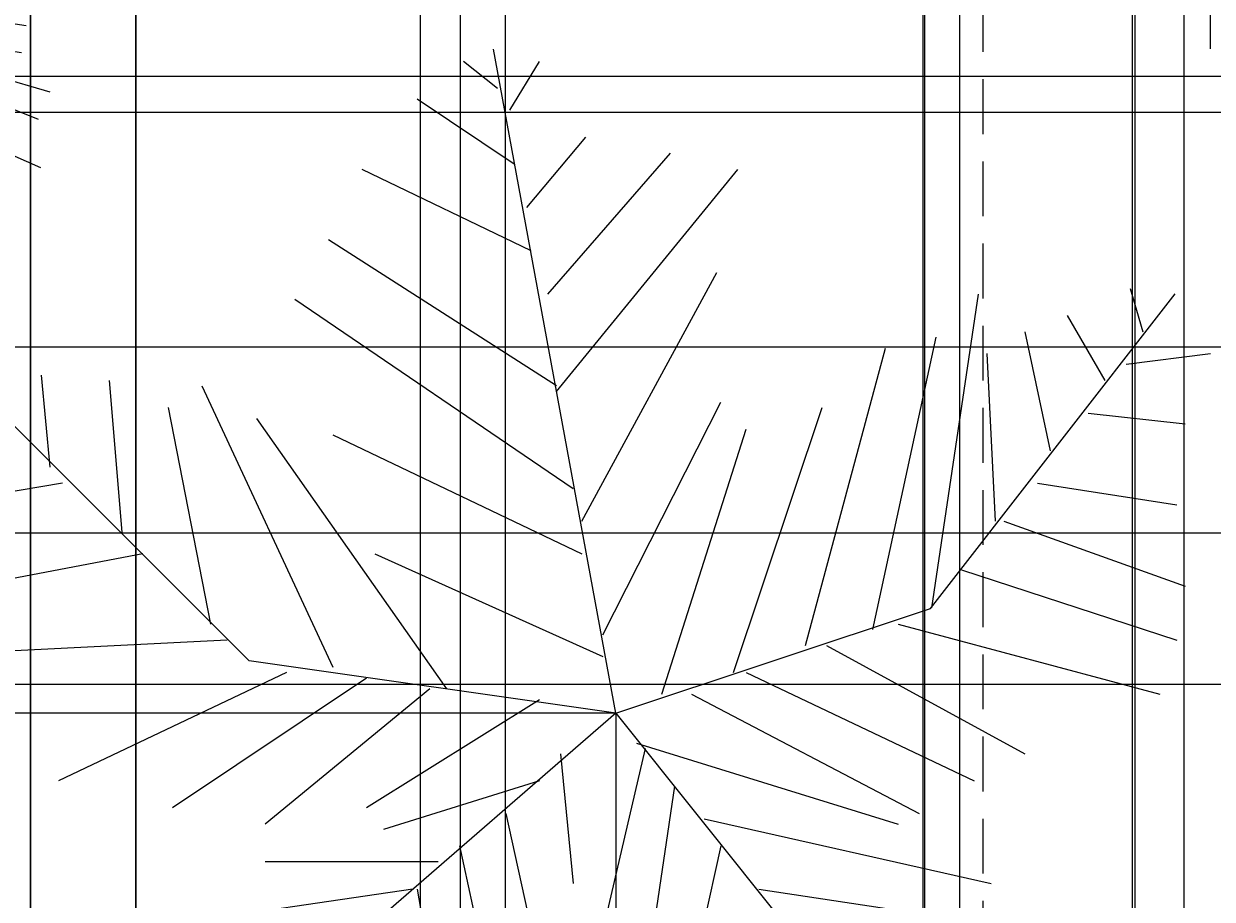
# Model space of a CAD drawing. Units: inches. Extents: x 818 to 1898, y 976 to 2364.
# Tile 13 of 96: x 1071 to 1207, y 1773 to 1873. Entities that reach past the tile are written whole.
import ezdxf

# ---------------------------------------------------------------- set-up
doc = ezdxf.new("R2010")
doc.units = ezdxf.units.IN
doc.header["$LTSCALE"] = 5
doc.header["$MEASUREMENT"] = 0
doc.linetypes.add('HIDDEN', pattern=[0.375, 0.25, -0.125])
for name, color, linetype, lineweight in [('A-ANNO-DIMS', 2, 'Continuous', 18), ('A-FLOR-OVHD', 8, 'HIDDEN', 13), ('L-PLNT-BEDS', 94, 'Continuous', 18)]:
    doc.layers.add(name, color=color, linetype=linetype, lineweight=lineweight)
doc.layers.add('L-PLNT', color=116, linetype='Continuous', lineweight=13, true_color=0x136734)
doc.styles.get("Standard").update_dxf_attribs({"font": 'arial.ttf'})
doc.dimstyles.get("Standard").update_dxf_attribs({"dimtxt": 0.18, "dimasz": 0.18, "dimexe": 0.18, "dimexo": 0.0625, "dimgap": 0.09, "dimtad": 0, "dimtih": 1, "dimtoh": 1, "dimdec": 4, "dimzin": 0, "dimdsep": 46, "dimtxsty": 'Standard', "dimcen": 0.09, "dimadec": 0, "dimazin": 0, "dimtfac": 1, "dimtdec": 4, "dimtofl": 0, "dimtmove": 0, "dimatfit": 3, "dimfxl": 1, "dimtolj": 1, "dimtzin": 0, "dimarcsym": 0})

# ---------------------------------------------------------------- blocks, each defined once
blk = doc.blocks.new('PALM-BORDER')
for p, q in [((41.53, 39.05), (33.72, 81.45)), ((33.95, 78.95), (31.8, 80.68)), ((34.76, 77.57), (36.65, 80.68)), ((35.03, 74.11), (28.83, 78.26)), ((35.84, 71.35), (39.61, 75.84)), ((37.18, 65.82), (45, 74.8)), ((36.11, 68.59), (25.33, 73.77)), ((37.72, 59.6), (49.31, 73.77)), ((37.72, 59.95), (23.17, 69.28)), ((39.34, 51.31), (47.96, 67.2)), ((38.8, 53.39), (21.02, 65.48)), ((61.61, 45.75), (77.23, 65.83)), ((61.71, 45.79), (64.67, 65.82)), ((74.37, 66.17), (75.18, 63.4)), ((70.33, 64.44), (72.75, 60.3)), ((53.62, 43.37), (58.74, 62.37)), ((57.93, 44.41), (61.97, 63.06)), ((67.63, 63.4), (69.25, 55.81)), ((65.21, 62.02), (65.75, 51.31)), ((74.1, 61.33), (79.49, 62.02)), ((5.39, 54.77), (4.85, 60.64)), ((9.16, 60.3), (9.97, 50.62)), ((15.09, 59.95), (23.44, 41.99)), ((12.93, 58.57), (15.63, 44.75)), ((40.69, 44.06), (48.23, 58.91)), ((49.04, 41.64), (54.7, 58.57)), ((18.1, 42.4), (2.48, 58.02)), ((30.72, 40.61), (18.59, 57.88)), ((44.46, 40.26), (49.85, 57.19)), ((71.68, 58.22), (77.87, 57.53)), ((23.44, 56.84), (39.34, 49.24)), ((6.2, 53.73), (0, 52.7)), ((68.44, 53.73), (77.33, 52.35)), ((66.29, 51.31), (77.87, 47.17)), ((11.32, 49.24), (0.54, 47.17)), ((26.14, 49.24), (40.69, 42.68)), ((63.59, 48.21), (77.33, 43.71)), ((41.53, 39.05), (61.61, 45.75)), ((59.55, 44.75), (76.26, 40.26)), ((16.71, 43.71), (2.69, 43.02)), ((41.53, 39.05), (18.1, 42.4)), ((54.97, 43.37), (67.63, 36.46)), ((20.48, 41.64), (5.93, 34.73)), ((25.6, 41.3), (13.2, 33.01)), ((49.85, 41.64), (64.4, 34.73)), ((29.64, 40.61), (19.13, 31.97)), ((36.65, 39.91), (25.6, 33.01)), ((46.35, 40.26), (60.9, 32.66)), ((41.53, 39.05), (24.79, 24.55)), ((41.53, 39.05), (54.92, 22.32)), ((43.38, 36.81), (40.42, 24.02)), ((42.84, 37.15), (59.55, 31.97)), ((37.99, 36.46), (38.8, 28.17)), ((36.65, 34.73), (26.68, 31.62)), ((45.27, 34.39), (43.11, 19.88)), ((34.49, 32.66), (36.92, 21.61)), ((47.15, 32.32), (65.48, 28.17)), ((31.53, 30.59), (35.03, 14.7)), ((48.23, 30.59), (44.19, 12.28)), ((30.18, 29.55), (19.13, 29.55)), ((28.56, 27.82), (9.7, 25.06)), ((28.83, 27.82), (32.07, 9.17)), ((50.66, 27.82), (68.98, 25.06)), ((52, 26.44), (46.35, 9.17)), ((24.79, 24.55), (13.63, 5.58)), ((26.14, 25.41), (28.29, 6.06)), ((53.62, 24.37), (68.44, 21.95)), ((23.44, 22.99), (9.97, 22.64)), ((54.97, 22.3), (47.69, 5.02)), ((54.92, 22.32), (61.61, 0)), ((55.24, 22.3), (71.68, 17.46)), ((22.9, 21.26), (24.52, 5.37)), ((21.56, 19.53), (11.59, 19.88)), ((55.78, 20.22), (70.33, 14.35)), ((20.48, 17.46), (9.7, 15.73)), ((56.59, 16.42), (53.35, 5.72)), ((19.94, 16.08), (20.75, 6.41)), ((18.59, 13.66), (9.97, 12.62)), ((57.39, 14.7), (70.6, 8.83)), ((17.24, 11.59), (17.78, 6.06)), ((58.47, 10.9), (56.05, 2.95)), ((15.9, 9.52), (11.05, 7.44)), ((58.47, 10.55), (67.09, 5.72)), ((59.82, 6.75), (64.4, 3.64)), ((59.82, 5.02), (58.74, 1.22)), ((61.44, 1.92), (62.51, 1.22))]:
    blk.add_line(p, q)
blk = doc.blocks.new('PALM-DECK')
for p, q in [((74.19, 69.77), (60.24, 145.52)), ((60.66, 141.05), (56.81, 144.14)), ((62.1, 138.58), (65.47, 144.14)), ((62.58, 132.41), (51.51, 139.82)), ((64.03, 127.47), (70.77, 135.5)), ((66.43, 117.6), (80.4, 133.65)), ((64.51, 122.54), (45.25, 131.79)), ((67.4, 106.49), (88.1, 131.79)), ((67.4, 107.11), (41.4, 123.77)), ((70.29, 91.68), (85.69, 120.07)), ((132.87, 118.22), (134.31, 113.28)), ((69.32, 95.38), (37.55, 116.98)), ((110.08, 81.73), (137.98, 117.61)), ((110.24, 81.8), (115.54, 117.6)), ((125.65, 115.13), (129.98, 107.72)), ((103.5, 79.33), (110.72, 112.66)), ((120.83, 113.28), (123.72, 99.7)), ((95.8, 77.48), (104.95, 111.43)), ((116.5, 110.81), (117.47, 91.68)), ((132.39, 109.58), (142.02, 110.81)), ((9.63, 97.85), (8.67, 108.34)), ((16.37, 107.72), (17.81, 90.44)), ((26.96, 107.11), (41.88, 75.01)), ((23.11, 104.64), (27.92, 79.95)), ((72.69, 78.72), (86.17, 105.26)), ((87.62, 74.4), (97.73, 104.64)), ((32.33, 75.75), (4.43, 103.66)), ((54.88, 72.55), (33.22, 103.4)), ((128.06, 104.02), (139.13, 102.79)), ((79.43, 71.93), (89.06, 102.17)), ((41.88, 101.55), (70.29, 87.97)), ((11.07, 96), (0, 94.15)), ((122.28, 96), (138.16, 93.53)), ((118.43, 91.68), (139.13, 84.27)), ((20.22, 87.97), (0.96, 84.27)), ((46.7, 87.97), (72.69, 76.25)), ((113.61, 86.12), (138.16, 78.1)), ((74.19, 69.77), (110.08, 81.73)), ((106.39, 79.95), (136.24, 71.93)), ((29.85, 78.1), (4.81, 76.87)), ((98.21, 77.48), (120.83, 65.14)), ((74.19, 69.77), (32.33, 75.75)), ((36.59, 74.4), (10.59, 62.05)), ((45.73, 73.78), (23.59, 58.97)), ((89.06, 74.4), (115.06, 62.05)), ((52.96, 72.55), (34.18, 57.12)), ((82.8, 71.93), (108.8, 58.35)), ((65.47, 71.31), (45.73, 58.97)), ((74.19, 69.77), (44.29, 43.85)), ((74.19, 69.77), (98.11, 39.87)), ((67.88, 65.14), (69.32, 50.33)), ((77.51, 65.76), (72.21, 42.92)), ((76.54, 66.37), (106.39, 57.12)), ((65.47, 62.05), (47.66, 56.5)), ((80.88, 61.44), (77.03, 35.52)), ((61.62, 58.35), (65.95, 38.6)), ((84.25, 57.73), (116.98, 50.33)), ((56.33, 54.65), (62.58, 26.26)), ((86.17, 54.65), (78.95, 21.94)), ((53.92, 52.8), (34.18, 52.8)), ((51.03, 49.71), (17.33, 44.77)), ((51.51, 49.71), (57.29, 16.38)), ((90.51, 49.71), (123.24, 44.77))]:
    blk.add_line(p, q)
blk = doc.blocks.new('*D29')
at = {"layer": 'A-ANNO-DIMS', "color": 0, "lineweight": -2, "ltscale": 5, "transparency": 16777216}
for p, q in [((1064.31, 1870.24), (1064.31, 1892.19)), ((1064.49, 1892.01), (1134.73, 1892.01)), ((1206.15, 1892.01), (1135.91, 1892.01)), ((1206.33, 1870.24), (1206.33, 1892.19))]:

☆ ☆ ☆ ☆ ☆ ☆ ☆

Instructions to follow: Print exactly the lines above, between the one holding "# Tile 13 of" and the one holding "doc.linetypes.add('HIDDEN', pattern=[0.375, 0.25, -0.125])", inclusive, and nothing besides.

Response below:
# Tile 13 of 96: x 1071 to 1207, y 1773 to 1873. Entities that reach past the tile are written whole.
import ezdxf

# ---------------------------------------------------------------- set-up
doc = ezdxf.new("R2010")
doc.units = ezdxf.units.IN
doc.header["$LTSCALE"] = 5
doc.header["$MEASUREMENT"] = 0
doc.linetypes.add('HIDDEN', pattern=[0.375, 0.25, -0.125])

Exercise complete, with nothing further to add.